(Exercise goal):
Go through the data from its first line and retype each line, stopping once the line containing "color=color, linetype=linetype, lineweight=lineweight)" has been retyped.

(Information given):

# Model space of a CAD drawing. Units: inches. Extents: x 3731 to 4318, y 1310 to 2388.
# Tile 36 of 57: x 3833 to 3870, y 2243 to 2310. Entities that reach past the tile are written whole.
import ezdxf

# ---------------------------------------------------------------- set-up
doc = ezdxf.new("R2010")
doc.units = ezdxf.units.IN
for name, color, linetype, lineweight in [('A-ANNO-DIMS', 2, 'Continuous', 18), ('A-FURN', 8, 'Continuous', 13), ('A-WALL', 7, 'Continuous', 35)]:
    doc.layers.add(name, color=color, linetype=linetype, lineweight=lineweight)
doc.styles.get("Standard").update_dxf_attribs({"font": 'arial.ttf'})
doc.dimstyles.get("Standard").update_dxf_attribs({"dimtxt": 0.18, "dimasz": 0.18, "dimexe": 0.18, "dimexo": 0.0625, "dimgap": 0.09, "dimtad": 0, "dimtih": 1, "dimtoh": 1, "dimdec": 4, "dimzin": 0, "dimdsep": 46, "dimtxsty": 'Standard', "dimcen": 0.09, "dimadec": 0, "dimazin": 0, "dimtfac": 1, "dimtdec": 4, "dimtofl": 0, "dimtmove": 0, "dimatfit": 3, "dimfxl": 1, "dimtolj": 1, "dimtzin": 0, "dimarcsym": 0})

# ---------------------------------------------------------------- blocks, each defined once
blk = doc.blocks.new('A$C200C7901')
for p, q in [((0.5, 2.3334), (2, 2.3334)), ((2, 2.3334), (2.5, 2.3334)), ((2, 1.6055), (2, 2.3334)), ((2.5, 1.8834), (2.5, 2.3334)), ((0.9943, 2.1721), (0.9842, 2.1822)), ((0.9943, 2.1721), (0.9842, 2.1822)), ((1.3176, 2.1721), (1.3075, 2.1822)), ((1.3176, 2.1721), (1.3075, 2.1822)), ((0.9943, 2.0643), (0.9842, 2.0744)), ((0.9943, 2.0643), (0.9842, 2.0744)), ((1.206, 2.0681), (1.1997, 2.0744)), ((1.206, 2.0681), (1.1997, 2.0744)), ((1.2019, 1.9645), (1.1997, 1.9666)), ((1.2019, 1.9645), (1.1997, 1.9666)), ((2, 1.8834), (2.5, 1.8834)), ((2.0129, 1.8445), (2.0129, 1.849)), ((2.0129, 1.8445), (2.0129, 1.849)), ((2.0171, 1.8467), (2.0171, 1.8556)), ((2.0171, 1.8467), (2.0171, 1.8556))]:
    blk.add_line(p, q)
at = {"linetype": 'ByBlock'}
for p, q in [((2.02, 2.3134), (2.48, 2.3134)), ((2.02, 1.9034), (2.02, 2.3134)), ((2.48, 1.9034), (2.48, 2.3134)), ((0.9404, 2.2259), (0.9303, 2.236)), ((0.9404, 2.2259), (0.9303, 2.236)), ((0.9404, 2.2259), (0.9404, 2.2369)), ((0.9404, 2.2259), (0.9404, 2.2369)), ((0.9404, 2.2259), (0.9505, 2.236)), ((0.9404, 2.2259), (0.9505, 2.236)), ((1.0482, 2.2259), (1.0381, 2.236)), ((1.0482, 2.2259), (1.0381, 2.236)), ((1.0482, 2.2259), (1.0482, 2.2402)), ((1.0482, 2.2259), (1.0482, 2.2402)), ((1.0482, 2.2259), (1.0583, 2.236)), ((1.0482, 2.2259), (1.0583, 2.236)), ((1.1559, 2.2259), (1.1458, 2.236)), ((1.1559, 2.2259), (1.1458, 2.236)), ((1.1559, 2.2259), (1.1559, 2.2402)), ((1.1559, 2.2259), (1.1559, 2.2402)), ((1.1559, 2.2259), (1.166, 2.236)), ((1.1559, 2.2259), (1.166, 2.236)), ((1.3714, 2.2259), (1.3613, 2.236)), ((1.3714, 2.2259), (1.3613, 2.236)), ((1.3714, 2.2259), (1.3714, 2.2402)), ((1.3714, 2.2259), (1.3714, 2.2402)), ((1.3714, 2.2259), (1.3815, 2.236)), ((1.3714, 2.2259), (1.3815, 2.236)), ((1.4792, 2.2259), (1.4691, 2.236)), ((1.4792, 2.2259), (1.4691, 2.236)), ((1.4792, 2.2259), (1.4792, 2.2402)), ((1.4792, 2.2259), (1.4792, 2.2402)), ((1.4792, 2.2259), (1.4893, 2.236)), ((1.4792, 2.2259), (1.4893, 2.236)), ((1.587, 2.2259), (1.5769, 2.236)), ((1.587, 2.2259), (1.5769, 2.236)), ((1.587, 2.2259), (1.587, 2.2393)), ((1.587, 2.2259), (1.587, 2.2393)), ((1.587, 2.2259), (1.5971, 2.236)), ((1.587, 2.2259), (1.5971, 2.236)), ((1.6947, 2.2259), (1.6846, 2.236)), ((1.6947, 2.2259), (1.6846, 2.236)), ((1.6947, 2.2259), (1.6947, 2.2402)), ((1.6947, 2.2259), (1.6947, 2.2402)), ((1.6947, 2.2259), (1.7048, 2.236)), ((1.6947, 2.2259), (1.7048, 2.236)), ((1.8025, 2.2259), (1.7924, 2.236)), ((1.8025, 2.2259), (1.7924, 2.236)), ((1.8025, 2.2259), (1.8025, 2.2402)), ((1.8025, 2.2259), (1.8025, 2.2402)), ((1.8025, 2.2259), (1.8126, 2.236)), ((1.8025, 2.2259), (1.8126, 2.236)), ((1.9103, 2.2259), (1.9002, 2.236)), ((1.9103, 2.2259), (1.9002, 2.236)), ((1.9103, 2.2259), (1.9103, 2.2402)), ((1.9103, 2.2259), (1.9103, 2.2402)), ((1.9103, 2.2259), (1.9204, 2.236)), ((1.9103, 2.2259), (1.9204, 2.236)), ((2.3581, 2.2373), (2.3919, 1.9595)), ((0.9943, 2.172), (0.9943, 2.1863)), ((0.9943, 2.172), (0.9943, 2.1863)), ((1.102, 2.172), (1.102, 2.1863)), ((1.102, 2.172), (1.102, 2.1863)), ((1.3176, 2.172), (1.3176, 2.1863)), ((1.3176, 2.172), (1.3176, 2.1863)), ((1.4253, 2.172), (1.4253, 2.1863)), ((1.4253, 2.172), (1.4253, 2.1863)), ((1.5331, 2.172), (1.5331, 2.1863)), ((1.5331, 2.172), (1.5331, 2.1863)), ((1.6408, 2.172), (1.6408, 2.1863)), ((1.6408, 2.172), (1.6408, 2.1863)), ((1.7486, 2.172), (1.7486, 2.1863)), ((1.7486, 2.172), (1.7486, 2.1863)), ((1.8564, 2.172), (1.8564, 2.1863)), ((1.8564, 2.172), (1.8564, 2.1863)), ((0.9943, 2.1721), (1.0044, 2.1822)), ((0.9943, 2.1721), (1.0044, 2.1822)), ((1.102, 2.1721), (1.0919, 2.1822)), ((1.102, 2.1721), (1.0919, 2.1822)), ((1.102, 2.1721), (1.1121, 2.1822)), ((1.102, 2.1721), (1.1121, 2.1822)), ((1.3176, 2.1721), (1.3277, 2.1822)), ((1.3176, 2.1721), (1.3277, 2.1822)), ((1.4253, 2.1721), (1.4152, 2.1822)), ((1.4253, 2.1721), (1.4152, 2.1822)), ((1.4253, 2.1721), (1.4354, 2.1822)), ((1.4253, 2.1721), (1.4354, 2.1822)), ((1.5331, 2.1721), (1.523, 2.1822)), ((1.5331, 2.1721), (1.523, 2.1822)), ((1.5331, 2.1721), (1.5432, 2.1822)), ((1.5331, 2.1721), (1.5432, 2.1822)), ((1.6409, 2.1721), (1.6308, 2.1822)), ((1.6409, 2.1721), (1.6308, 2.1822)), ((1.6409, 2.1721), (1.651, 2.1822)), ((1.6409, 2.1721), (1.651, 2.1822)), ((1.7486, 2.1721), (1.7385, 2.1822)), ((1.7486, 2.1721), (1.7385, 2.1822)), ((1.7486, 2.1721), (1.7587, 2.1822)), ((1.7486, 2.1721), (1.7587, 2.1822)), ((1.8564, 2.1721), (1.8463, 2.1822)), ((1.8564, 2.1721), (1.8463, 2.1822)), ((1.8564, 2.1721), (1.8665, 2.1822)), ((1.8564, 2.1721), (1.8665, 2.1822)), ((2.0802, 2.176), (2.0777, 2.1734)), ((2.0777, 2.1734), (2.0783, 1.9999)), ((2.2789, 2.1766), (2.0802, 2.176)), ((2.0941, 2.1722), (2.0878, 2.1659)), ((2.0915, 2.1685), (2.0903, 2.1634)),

(Response to this task):
# Model space of a CAD drawing. Units: inches. Extents: x 3731 to 4318, y 1310 to 2388.
# Tile 36 of 57: x 3833 to 3870, y 2243 to 2310. Entities that reach past the tile are written whole.
import ezdxf

# ---------------------------------------------------------------- set-up
doc = ezdxf.new("R2010")
doc.units = ezdxf.units.IN
for name, color, linetype, lineweight in [('A-ANNO-DIMS', 2, 'Continuous', 18), ('A-FURN', 8, 'Continuous', 13), ('A-WALL', 7, 'Continuous', 35)]:
    doc.layers.add(name, color=color, linetype=linetype, lineweight=lineweight)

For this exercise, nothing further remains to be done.